→ TASK DETAILS
For the word "direction", count the lines in the records below that include it and give only that number.

→ Data entries
---

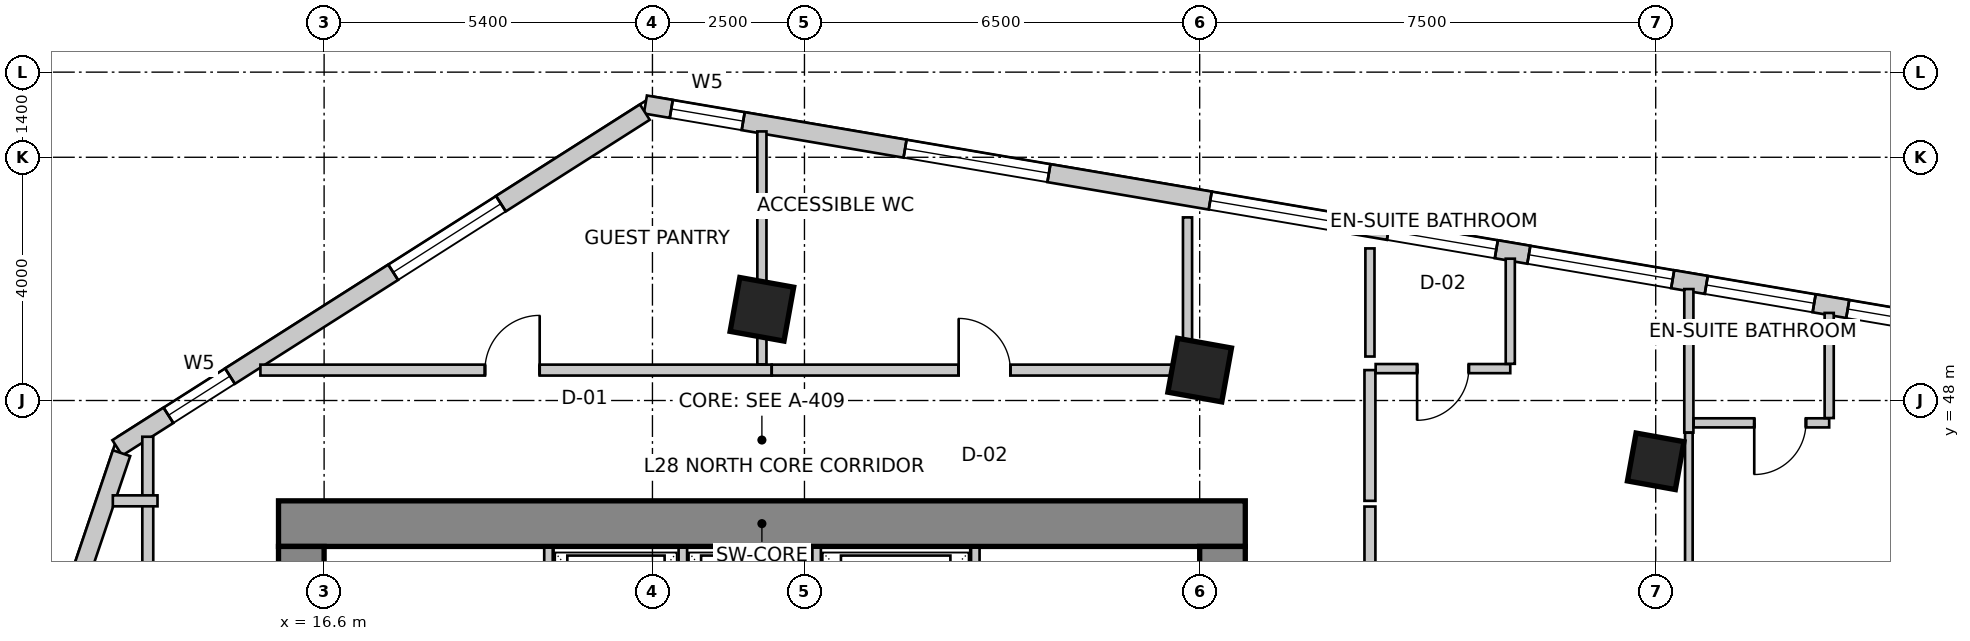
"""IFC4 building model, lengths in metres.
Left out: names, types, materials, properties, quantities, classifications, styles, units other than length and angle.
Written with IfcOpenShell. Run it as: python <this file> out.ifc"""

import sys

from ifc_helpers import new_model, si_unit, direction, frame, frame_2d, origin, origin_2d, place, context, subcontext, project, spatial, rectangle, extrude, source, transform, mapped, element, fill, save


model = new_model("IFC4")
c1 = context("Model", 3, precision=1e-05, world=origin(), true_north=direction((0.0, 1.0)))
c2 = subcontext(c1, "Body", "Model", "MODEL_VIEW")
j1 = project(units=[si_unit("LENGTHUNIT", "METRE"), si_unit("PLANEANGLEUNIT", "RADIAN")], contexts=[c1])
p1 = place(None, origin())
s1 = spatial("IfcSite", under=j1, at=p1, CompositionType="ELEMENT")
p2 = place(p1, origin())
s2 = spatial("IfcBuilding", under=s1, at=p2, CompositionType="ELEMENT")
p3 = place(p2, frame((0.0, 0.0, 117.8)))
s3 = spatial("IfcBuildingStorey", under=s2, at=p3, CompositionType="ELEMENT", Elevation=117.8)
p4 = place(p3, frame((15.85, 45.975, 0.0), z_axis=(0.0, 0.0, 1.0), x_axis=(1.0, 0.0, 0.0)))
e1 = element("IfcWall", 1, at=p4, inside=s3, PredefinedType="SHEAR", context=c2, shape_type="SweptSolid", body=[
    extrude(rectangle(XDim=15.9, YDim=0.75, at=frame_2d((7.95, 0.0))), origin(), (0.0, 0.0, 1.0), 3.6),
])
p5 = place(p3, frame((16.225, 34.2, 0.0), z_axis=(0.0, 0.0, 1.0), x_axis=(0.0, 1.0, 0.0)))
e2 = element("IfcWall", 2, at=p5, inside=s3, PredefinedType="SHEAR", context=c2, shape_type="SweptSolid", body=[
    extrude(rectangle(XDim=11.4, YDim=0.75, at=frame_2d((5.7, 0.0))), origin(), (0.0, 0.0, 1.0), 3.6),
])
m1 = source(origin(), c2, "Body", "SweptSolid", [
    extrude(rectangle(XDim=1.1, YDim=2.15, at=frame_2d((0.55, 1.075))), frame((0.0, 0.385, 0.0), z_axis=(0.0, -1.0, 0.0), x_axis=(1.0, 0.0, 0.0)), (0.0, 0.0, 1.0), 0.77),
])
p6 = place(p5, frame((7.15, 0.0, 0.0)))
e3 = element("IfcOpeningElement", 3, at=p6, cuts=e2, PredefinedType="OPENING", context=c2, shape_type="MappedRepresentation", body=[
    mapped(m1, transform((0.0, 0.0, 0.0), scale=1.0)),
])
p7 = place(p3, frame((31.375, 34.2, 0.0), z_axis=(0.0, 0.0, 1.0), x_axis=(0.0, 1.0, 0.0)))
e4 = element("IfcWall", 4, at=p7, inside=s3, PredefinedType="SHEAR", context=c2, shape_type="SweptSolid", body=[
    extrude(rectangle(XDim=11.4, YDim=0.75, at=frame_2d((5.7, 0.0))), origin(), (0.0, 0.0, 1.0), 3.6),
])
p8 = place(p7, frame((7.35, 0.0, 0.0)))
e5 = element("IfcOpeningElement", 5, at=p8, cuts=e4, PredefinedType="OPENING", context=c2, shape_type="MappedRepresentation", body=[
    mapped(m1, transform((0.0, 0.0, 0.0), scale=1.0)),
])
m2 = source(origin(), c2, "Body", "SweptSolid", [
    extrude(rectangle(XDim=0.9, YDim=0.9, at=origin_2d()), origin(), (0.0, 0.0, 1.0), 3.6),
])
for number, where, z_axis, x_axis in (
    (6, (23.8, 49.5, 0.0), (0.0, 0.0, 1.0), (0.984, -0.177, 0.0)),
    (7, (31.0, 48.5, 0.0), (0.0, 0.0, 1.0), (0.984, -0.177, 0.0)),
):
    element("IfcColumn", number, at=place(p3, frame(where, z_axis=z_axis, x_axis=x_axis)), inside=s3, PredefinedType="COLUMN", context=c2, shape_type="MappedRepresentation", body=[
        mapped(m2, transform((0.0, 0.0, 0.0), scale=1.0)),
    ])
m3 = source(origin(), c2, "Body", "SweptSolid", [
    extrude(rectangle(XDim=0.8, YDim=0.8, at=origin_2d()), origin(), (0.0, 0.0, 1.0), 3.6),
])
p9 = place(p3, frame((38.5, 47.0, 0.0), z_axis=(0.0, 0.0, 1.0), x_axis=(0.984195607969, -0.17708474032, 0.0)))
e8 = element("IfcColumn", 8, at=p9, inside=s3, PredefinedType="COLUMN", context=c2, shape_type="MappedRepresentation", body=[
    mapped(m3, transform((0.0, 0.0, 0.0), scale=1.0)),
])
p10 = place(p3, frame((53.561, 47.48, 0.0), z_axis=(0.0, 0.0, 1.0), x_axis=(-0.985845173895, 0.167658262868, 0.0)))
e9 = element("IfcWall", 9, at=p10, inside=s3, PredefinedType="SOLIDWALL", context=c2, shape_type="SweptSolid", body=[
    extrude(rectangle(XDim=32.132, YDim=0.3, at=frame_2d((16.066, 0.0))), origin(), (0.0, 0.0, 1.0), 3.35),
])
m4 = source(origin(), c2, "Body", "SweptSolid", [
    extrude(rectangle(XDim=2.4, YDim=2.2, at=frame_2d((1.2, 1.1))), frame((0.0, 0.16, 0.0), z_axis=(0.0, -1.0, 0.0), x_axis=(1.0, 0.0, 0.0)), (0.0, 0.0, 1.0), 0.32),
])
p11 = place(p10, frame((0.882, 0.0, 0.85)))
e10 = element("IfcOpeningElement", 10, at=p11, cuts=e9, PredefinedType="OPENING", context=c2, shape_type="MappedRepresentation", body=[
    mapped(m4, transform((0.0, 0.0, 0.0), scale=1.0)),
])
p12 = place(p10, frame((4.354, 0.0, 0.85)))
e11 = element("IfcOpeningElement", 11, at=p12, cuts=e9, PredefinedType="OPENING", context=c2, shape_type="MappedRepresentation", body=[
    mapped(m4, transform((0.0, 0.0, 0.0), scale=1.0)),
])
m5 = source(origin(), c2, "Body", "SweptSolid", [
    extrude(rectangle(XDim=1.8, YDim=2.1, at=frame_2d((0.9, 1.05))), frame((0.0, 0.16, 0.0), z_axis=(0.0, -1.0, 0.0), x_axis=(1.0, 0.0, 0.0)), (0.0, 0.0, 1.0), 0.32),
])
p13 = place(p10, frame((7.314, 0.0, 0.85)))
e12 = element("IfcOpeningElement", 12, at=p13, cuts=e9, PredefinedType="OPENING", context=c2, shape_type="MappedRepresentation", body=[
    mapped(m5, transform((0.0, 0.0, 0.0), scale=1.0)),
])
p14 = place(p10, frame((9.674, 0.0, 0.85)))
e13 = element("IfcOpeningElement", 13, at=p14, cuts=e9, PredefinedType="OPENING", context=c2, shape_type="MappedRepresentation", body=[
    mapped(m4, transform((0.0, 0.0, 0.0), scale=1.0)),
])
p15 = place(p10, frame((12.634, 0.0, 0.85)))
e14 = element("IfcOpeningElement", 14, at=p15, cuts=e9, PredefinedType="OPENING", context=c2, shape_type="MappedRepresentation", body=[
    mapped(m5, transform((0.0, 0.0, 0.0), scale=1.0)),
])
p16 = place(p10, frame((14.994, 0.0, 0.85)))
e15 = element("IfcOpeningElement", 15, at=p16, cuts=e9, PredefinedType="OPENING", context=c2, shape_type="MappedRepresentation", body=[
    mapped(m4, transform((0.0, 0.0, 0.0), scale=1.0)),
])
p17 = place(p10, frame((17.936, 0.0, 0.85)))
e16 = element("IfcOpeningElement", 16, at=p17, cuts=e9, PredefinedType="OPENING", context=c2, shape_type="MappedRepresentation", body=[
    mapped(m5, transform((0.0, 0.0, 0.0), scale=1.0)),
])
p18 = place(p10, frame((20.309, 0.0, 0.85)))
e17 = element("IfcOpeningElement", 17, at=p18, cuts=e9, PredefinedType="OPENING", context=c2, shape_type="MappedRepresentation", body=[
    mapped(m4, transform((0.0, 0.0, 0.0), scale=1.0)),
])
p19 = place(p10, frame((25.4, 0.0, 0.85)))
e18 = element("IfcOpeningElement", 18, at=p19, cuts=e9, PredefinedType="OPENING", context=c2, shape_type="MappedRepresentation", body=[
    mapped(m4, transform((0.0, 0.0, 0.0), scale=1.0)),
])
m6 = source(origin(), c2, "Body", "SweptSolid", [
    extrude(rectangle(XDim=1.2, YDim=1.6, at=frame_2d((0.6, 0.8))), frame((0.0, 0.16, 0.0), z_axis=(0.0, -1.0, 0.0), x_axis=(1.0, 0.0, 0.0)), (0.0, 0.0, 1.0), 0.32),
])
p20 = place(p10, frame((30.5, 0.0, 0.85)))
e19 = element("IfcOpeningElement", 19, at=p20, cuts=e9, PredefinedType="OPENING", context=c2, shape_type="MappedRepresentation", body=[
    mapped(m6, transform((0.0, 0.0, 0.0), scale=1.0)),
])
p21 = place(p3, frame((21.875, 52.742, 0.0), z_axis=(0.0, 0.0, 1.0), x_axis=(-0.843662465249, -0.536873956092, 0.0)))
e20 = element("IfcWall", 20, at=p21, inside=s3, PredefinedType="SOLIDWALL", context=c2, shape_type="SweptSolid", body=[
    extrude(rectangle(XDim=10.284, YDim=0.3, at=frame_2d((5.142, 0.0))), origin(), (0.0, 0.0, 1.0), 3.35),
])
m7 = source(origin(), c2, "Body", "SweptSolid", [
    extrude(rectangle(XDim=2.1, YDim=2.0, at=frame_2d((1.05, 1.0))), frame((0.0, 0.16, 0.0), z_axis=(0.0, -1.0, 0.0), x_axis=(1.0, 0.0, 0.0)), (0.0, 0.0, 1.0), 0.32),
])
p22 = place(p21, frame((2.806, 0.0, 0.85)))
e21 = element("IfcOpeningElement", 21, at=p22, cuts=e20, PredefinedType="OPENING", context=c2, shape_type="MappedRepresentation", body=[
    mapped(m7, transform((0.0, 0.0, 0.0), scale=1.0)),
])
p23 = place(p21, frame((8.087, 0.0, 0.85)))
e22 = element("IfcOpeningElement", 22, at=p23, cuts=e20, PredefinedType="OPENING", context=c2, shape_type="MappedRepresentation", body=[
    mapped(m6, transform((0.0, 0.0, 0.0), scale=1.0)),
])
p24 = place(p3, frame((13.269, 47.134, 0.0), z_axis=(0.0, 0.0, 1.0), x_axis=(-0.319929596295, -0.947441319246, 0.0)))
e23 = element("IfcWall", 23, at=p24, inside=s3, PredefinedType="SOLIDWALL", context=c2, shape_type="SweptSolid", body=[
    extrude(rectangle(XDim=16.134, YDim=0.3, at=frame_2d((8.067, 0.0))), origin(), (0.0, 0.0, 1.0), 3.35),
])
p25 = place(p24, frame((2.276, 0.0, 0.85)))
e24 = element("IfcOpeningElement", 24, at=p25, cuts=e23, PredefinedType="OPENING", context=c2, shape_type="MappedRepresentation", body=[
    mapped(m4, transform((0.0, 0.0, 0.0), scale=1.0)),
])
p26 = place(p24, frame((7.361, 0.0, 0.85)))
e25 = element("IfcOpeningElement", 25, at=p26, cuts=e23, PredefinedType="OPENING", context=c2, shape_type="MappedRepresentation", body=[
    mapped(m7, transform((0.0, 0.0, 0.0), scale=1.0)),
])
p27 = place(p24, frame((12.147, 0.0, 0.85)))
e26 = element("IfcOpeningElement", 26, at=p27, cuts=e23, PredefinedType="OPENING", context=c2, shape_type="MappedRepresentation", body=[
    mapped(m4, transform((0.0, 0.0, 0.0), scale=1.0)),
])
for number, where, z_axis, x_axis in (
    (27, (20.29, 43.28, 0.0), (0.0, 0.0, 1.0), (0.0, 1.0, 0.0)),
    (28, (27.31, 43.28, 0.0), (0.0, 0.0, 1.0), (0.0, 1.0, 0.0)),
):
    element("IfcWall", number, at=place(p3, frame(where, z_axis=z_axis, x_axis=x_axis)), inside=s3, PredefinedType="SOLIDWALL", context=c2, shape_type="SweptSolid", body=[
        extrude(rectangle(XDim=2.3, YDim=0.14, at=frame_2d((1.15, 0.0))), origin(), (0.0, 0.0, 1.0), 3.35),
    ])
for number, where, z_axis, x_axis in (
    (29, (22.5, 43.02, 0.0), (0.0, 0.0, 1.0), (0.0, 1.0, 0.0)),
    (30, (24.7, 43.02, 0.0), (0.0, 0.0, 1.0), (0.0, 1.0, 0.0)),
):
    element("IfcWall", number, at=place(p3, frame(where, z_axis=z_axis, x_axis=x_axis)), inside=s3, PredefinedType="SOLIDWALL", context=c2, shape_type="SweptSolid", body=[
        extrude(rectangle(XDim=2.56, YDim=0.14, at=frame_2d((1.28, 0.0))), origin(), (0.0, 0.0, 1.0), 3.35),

---

→ RESULT OF THIS TASK
2